= Task to complete =
Copy each line of the data that has "draft" in it.

= Records for this exercise =
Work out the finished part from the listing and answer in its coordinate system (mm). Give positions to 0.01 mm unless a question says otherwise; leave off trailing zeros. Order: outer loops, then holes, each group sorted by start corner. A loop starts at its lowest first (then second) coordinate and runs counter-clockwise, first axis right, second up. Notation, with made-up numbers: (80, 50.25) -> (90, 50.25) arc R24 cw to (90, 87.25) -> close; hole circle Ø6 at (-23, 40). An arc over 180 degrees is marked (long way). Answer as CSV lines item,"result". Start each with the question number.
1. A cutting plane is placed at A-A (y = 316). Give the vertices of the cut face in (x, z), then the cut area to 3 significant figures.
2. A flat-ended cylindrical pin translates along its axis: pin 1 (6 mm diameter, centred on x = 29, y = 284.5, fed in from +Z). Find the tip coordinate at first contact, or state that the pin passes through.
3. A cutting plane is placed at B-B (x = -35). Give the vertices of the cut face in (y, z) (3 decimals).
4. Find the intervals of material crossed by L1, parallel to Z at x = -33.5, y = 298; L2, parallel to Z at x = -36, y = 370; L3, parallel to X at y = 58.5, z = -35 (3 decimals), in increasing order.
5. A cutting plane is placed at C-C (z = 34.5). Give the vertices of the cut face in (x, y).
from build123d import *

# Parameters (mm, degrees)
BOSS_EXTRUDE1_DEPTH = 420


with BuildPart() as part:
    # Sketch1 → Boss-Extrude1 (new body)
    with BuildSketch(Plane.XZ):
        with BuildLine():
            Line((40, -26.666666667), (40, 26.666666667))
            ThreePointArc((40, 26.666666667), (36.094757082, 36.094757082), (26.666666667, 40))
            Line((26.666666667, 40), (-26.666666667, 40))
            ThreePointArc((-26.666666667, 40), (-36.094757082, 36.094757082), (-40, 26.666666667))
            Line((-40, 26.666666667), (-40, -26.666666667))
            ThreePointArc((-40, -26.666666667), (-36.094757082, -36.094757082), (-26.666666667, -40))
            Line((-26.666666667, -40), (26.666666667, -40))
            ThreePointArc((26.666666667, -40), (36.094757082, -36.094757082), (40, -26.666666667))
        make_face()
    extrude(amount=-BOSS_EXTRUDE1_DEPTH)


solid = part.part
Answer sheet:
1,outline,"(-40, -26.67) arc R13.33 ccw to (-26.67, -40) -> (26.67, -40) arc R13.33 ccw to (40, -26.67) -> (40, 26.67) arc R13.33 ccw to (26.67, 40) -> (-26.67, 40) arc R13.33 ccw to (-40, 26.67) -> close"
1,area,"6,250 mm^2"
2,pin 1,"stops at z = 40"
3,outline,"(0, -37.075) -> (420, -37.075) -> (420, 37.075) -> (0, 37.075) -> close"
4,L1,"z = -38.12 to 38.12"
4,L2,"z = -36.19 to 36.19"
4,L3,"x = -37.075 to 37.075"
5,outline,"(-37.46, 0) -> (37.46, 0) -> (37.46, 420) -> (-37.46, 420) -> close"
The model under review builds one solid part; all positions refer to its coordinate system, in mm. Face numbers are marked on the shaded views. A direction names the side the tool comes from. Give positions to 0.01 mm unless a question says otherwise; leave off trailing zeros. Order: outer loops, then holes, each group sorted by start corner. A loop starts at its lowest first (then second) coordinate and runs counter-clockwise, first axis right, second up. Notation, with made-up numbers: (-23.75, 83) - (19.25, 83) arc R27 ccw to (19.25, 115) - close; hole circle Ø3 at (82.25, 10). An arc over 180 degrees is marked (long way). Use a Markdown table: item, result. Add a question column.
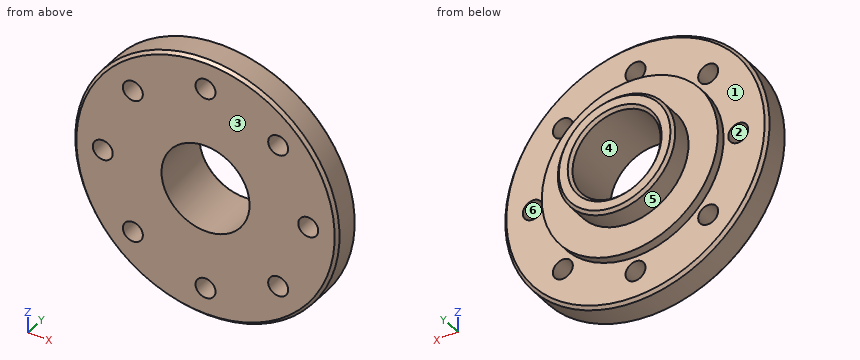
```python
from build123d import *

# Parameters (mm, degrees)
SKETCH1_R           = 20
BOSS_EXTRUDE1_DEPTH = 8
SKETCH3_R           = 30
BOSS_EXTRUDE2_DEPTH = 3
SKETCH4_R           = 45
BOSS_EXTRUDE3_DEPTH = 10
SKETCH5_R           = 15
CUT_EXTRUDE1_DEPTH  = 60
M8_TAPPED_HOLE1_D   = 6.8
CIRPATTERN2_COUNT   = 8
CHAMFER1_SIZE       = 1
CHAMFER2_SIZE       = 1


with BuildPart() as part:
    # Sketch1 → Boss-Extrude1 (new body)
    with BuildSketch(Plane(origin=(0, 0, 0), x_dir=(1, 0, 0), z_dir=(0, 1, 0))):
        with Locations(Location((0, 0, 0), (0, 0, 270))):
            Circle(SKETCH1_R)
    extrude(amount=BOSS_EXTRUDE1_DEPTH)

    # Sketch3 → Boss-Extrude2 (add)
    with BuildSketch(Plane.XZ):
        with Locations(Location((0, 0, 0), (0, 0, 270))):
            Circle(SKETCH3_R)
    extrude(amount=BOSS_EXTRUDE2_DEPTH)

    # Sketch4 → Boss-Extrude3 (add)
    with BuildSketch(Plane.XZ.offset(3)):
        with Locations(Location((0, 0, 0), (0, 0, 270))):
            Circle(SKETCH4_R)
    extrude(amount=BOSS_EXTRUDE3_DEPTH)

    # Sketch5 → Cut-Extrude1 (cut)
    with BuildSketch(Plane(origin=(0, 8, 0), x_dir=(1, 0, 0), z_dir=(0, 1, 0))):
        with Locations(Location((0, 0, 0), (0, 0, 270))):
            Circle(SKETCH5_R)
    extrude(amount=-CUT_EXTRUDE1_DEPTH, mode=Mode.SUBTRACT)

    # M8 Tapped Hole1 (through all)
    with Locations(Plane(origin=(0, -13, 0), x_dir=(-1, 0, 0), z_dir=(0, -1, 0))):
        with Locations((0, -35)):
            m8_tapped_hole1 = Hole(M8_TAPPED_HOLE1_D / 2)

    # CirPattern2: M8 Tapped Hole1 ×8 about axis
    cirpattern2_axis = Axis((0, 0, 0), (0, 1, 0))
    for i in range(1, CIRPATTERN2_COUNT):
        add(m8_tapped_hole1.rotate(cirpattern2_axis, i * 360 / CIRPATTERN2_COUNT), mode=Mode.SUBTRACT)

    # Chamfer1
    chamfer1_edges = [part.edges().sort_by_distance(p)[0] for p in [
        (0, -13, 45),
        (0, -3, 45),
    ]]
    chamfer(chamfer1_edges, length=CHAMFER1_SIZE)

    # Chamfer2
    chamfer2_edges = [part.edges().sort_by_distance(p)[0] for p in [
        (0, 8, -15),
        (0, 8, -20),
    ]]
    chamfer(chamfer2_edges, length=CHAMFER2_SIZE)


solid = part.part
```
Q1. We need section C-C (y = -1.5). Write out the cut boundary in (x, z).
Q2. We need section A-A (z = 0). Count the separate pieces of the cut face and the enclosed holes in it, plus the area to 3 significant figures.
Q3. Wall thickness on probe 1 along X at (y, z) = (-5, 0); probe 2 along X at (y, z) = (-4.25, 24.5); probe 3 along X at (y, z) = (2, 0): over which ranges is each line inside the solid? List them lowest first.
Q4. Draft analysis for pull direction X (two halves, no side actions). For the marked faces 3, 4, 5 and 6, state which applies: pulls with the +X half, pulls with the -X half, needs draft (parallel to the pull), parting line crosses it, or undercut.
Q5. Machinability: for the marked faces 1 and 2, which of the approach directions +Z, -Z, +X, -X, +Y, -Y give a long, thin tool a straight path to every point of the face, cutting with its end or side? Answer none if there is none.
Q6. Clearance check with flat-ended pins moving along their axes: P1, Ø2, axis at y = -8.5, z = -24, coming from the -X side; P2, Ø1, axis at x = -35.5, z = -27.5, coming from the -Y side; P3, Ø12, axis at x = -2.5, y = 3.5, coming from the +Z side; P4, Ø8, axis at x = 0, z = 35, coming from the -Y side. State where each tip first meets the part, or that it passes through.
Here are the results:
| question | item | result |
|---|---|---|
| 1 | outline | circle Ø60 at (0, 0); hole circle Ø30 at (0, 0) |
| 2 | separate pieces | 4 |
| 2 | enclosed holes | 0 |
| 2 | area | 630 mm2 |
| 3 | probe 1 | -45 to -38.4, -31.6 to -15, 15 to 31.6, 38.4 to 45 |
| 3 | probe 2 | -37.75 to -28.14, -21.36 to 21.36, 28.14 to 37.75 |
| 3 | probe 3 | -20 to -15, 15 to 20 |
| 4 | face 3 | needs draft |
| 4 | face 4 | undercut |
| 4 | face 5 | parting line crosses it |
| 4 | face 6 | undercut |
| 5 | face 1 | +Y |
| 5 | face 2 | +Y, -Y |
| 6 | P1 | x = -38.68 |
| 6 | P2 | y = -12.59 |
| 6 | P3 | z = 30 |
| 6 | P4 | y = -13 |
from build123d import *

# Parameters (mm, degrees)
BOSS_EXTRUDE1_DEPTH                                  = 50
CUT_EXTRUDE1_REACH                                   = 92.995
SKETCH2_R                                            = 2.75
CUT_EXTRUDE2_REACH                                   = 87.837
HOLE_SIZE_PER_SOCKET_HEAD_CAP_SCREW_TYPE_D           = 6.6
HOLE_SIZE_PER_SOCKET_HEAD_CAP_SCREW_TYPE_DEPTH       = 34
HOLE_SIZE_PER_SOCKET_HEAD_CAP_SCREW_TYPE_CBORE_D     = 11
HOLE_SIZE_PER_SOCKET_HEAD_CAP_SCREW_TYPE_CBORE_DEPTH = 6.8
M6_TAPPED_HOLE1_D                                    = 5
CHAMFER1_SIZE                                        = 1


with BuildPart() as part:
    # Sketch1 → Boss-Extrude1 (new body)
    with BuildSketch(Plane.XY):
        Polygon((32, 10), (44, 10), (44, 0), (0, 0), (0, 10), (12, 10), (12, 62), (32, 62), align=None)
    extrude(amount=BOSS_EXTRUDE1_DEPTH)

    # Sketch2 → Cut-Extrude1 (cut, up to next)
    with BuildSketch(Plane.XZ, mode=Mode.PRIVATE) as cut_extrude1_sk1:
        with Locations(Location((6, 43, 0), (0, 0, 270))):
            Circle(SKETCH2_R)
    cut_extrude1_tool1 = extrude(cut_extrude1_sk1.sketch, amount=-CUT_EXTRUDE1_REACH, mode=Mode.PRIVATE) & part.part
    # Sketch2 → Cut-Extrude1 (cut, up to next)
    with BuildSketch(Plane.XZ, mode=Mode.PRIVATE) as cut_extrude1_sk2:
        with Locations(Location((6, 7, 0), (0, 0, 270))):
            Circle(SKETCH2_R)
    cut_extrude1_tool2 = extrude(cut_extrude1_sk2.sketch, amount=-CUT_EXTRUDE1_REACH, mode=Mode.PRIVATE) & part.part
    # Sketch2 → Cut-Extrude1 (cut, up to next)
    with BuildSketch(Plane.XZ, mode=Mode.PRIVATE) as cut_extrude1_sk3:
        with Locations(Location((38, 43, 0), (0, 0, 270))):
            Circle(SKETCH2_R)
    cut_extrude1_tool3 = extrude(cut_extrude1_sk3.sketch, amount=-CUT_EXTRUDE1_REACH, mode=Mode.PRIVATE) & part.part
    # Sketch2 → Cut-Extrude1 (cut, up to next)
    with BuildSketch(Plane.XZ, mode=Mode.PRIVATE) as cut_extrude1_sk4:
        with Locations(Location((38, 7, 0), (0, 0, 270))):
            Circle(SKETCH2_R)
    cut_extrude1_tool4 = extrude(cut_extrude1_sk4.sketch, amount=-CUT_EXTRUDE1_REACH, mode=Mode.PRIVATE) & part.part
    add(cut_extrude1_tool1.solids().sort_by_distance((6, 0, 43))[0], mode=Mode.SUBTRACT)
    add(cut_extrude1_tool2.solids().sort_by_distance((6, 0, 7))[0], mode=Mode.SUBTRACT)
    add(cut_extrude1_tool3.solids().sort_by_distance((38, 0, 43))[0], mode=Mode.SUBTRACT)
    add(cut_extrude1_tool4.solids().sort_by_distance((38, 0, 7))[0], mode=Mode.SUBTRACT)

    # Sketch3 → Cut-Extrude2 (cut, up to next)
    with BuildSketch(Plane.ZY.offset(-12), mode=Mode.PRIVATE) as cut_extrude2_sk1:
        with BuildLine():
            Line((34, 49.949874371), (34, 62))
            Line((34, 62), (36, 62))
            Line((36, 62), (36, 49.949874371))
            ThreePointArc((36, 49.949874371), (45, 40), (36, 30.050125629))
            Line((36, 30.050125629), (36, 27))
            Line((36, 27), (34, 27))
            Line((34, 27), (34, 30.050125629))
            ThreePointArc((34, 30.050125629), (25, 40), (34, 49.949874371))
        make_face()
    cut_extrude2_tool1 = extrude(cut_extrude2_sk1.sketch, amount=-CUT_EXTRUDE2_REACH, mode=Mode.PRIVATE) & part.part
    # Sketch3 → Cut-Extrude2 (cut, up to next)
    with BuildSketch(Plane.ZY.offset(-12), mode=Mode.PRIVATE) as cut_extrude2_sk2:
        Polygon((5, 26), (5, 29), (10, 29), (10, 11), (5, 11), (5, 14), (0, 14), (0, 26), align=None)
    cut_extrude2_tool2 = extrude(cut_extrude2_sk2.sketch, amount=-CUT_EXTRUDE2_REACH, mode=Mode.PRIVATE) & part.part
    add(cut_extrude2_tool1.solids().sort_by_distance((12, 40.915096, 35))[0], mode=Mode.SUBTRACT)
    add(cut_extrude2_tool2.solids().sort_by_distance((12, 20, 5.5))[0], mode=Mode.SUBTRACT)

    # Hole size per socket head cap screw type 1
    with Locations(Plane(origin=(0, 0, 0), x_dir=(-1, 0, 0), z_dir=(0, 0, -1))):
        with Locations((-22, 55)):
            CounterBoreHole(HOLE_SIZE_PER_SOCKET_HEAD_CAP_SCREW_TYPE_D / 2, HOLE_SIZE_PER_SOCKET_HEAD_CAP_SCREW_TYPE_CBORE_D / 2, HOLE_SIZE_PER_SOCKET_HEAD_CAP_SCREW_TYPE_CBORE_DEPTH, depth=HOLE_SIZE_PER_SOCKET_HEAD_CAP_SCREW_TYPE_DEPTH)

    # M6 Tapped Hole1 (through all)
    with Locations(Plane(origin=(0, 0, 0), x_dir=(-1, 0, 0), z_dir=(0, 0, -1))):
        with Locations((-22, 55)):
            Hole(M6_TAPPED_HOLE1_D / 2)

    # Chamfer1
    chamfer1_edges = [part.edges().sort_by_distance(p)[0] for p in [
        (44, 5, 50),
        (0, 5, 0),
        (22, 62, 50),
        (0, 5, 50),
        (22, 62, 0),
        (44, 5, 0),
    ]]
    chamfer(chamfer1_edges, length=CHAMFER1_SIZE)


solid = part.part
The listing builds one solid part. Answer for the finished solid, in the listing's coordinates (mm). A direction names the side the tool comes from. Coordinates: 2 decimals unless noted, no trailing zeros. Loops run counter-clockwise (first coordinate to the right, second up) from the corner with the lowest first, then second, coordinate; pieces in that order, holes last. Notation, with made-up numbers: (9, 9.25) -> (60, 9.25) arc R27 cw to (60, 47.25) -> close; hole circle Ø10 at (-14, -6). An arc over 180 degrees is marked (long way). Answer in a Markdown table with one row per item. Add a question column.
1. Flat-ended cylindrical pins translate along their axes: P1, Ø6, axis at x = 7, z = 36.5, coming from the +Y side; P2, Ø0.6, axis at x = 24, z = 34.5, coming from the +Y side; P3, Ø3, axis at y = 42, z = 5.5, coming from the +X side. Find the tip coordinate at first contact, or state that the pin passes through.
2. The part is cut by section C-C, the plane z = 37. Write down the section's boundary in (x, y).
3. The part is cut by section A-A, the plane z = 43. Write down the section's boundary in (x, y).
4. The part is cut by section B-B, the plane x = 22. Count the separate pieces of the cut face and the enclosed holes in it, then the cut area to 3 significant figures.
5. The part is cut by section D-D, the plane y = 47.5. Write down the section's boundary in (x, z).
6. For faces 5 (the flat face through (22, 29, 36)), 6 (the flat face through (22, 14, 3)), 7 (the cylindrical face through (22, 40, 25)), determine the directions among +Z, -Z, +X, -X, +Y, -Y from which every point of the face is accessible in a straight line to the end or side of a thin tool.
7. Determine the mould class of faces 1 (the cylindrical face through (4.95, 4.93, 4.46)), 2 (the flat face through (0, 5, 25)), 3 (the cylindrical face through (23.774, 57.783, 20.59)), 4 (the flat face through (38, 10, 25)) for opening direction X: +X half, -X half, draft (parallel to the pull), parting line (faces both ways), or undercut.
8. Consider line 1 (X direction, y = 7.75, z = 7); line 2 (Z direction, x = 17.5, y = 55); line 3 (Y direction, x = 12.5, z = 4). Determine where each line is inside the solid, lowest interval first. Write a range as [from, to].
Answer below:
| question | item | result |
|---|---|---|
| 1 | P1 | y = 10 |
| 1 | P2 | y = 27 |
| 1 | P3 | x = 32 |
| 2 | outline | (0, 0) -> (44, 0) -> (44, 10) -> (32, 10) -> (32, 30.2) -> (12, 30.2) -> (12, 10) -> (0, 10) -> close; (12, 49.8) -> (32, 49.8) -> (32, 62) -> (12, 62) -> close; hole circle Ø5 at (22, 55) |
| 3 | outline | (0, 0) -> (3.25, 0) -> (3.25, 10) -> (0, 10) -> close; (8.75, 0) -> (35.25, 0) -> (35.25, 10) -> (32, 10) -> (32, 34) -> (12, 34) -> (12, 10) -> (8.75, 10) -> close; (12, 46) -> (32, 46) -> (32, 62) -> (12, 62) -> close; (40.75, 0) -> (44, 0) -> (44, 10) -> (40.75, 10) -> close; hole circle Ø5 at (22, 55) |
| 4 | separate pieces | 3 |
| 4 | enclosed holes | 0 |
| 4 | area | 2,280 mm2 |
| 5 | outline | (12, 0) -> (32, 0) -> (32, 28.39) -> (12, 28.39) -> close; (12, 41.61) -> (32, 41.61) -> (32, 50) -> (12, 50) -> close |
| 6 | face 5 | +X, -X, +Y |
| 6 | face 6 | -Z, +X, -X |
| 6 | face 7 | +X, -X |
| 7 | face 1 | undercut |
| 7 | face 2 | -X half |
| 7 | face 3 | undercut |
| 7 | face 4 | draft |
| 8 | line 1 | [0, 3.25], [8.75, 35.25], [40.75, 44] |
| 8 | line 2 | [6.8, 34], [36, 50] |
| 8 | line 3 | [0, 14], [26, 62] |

= Reply to the exercise =
Q4. Draft analysis for pull direction X (two halves, no side actions). For the marked faces 3, 4, 5 and 6, state which applies: pulls with the +X half, pulls with the -X half, needs draft (parallel to the pull), parting line crosses it, or undercut.
| 4 | face 3 | needs draft |
7. Determine the mould class of faces 1 (the cylindrical face through (4.95, 4.93, 4.46)), 2 (the flat face through (0, 5, 25)), 3 (the cylindrical face through (23.774, 57.783, 20.59)), 4 (the flat face through (38, 10, 25)) for opening direction X: +X half, -X half, draft (parallel to the pull), parting line (faces both ways), or undercut.
| 7 | face 4 | draft |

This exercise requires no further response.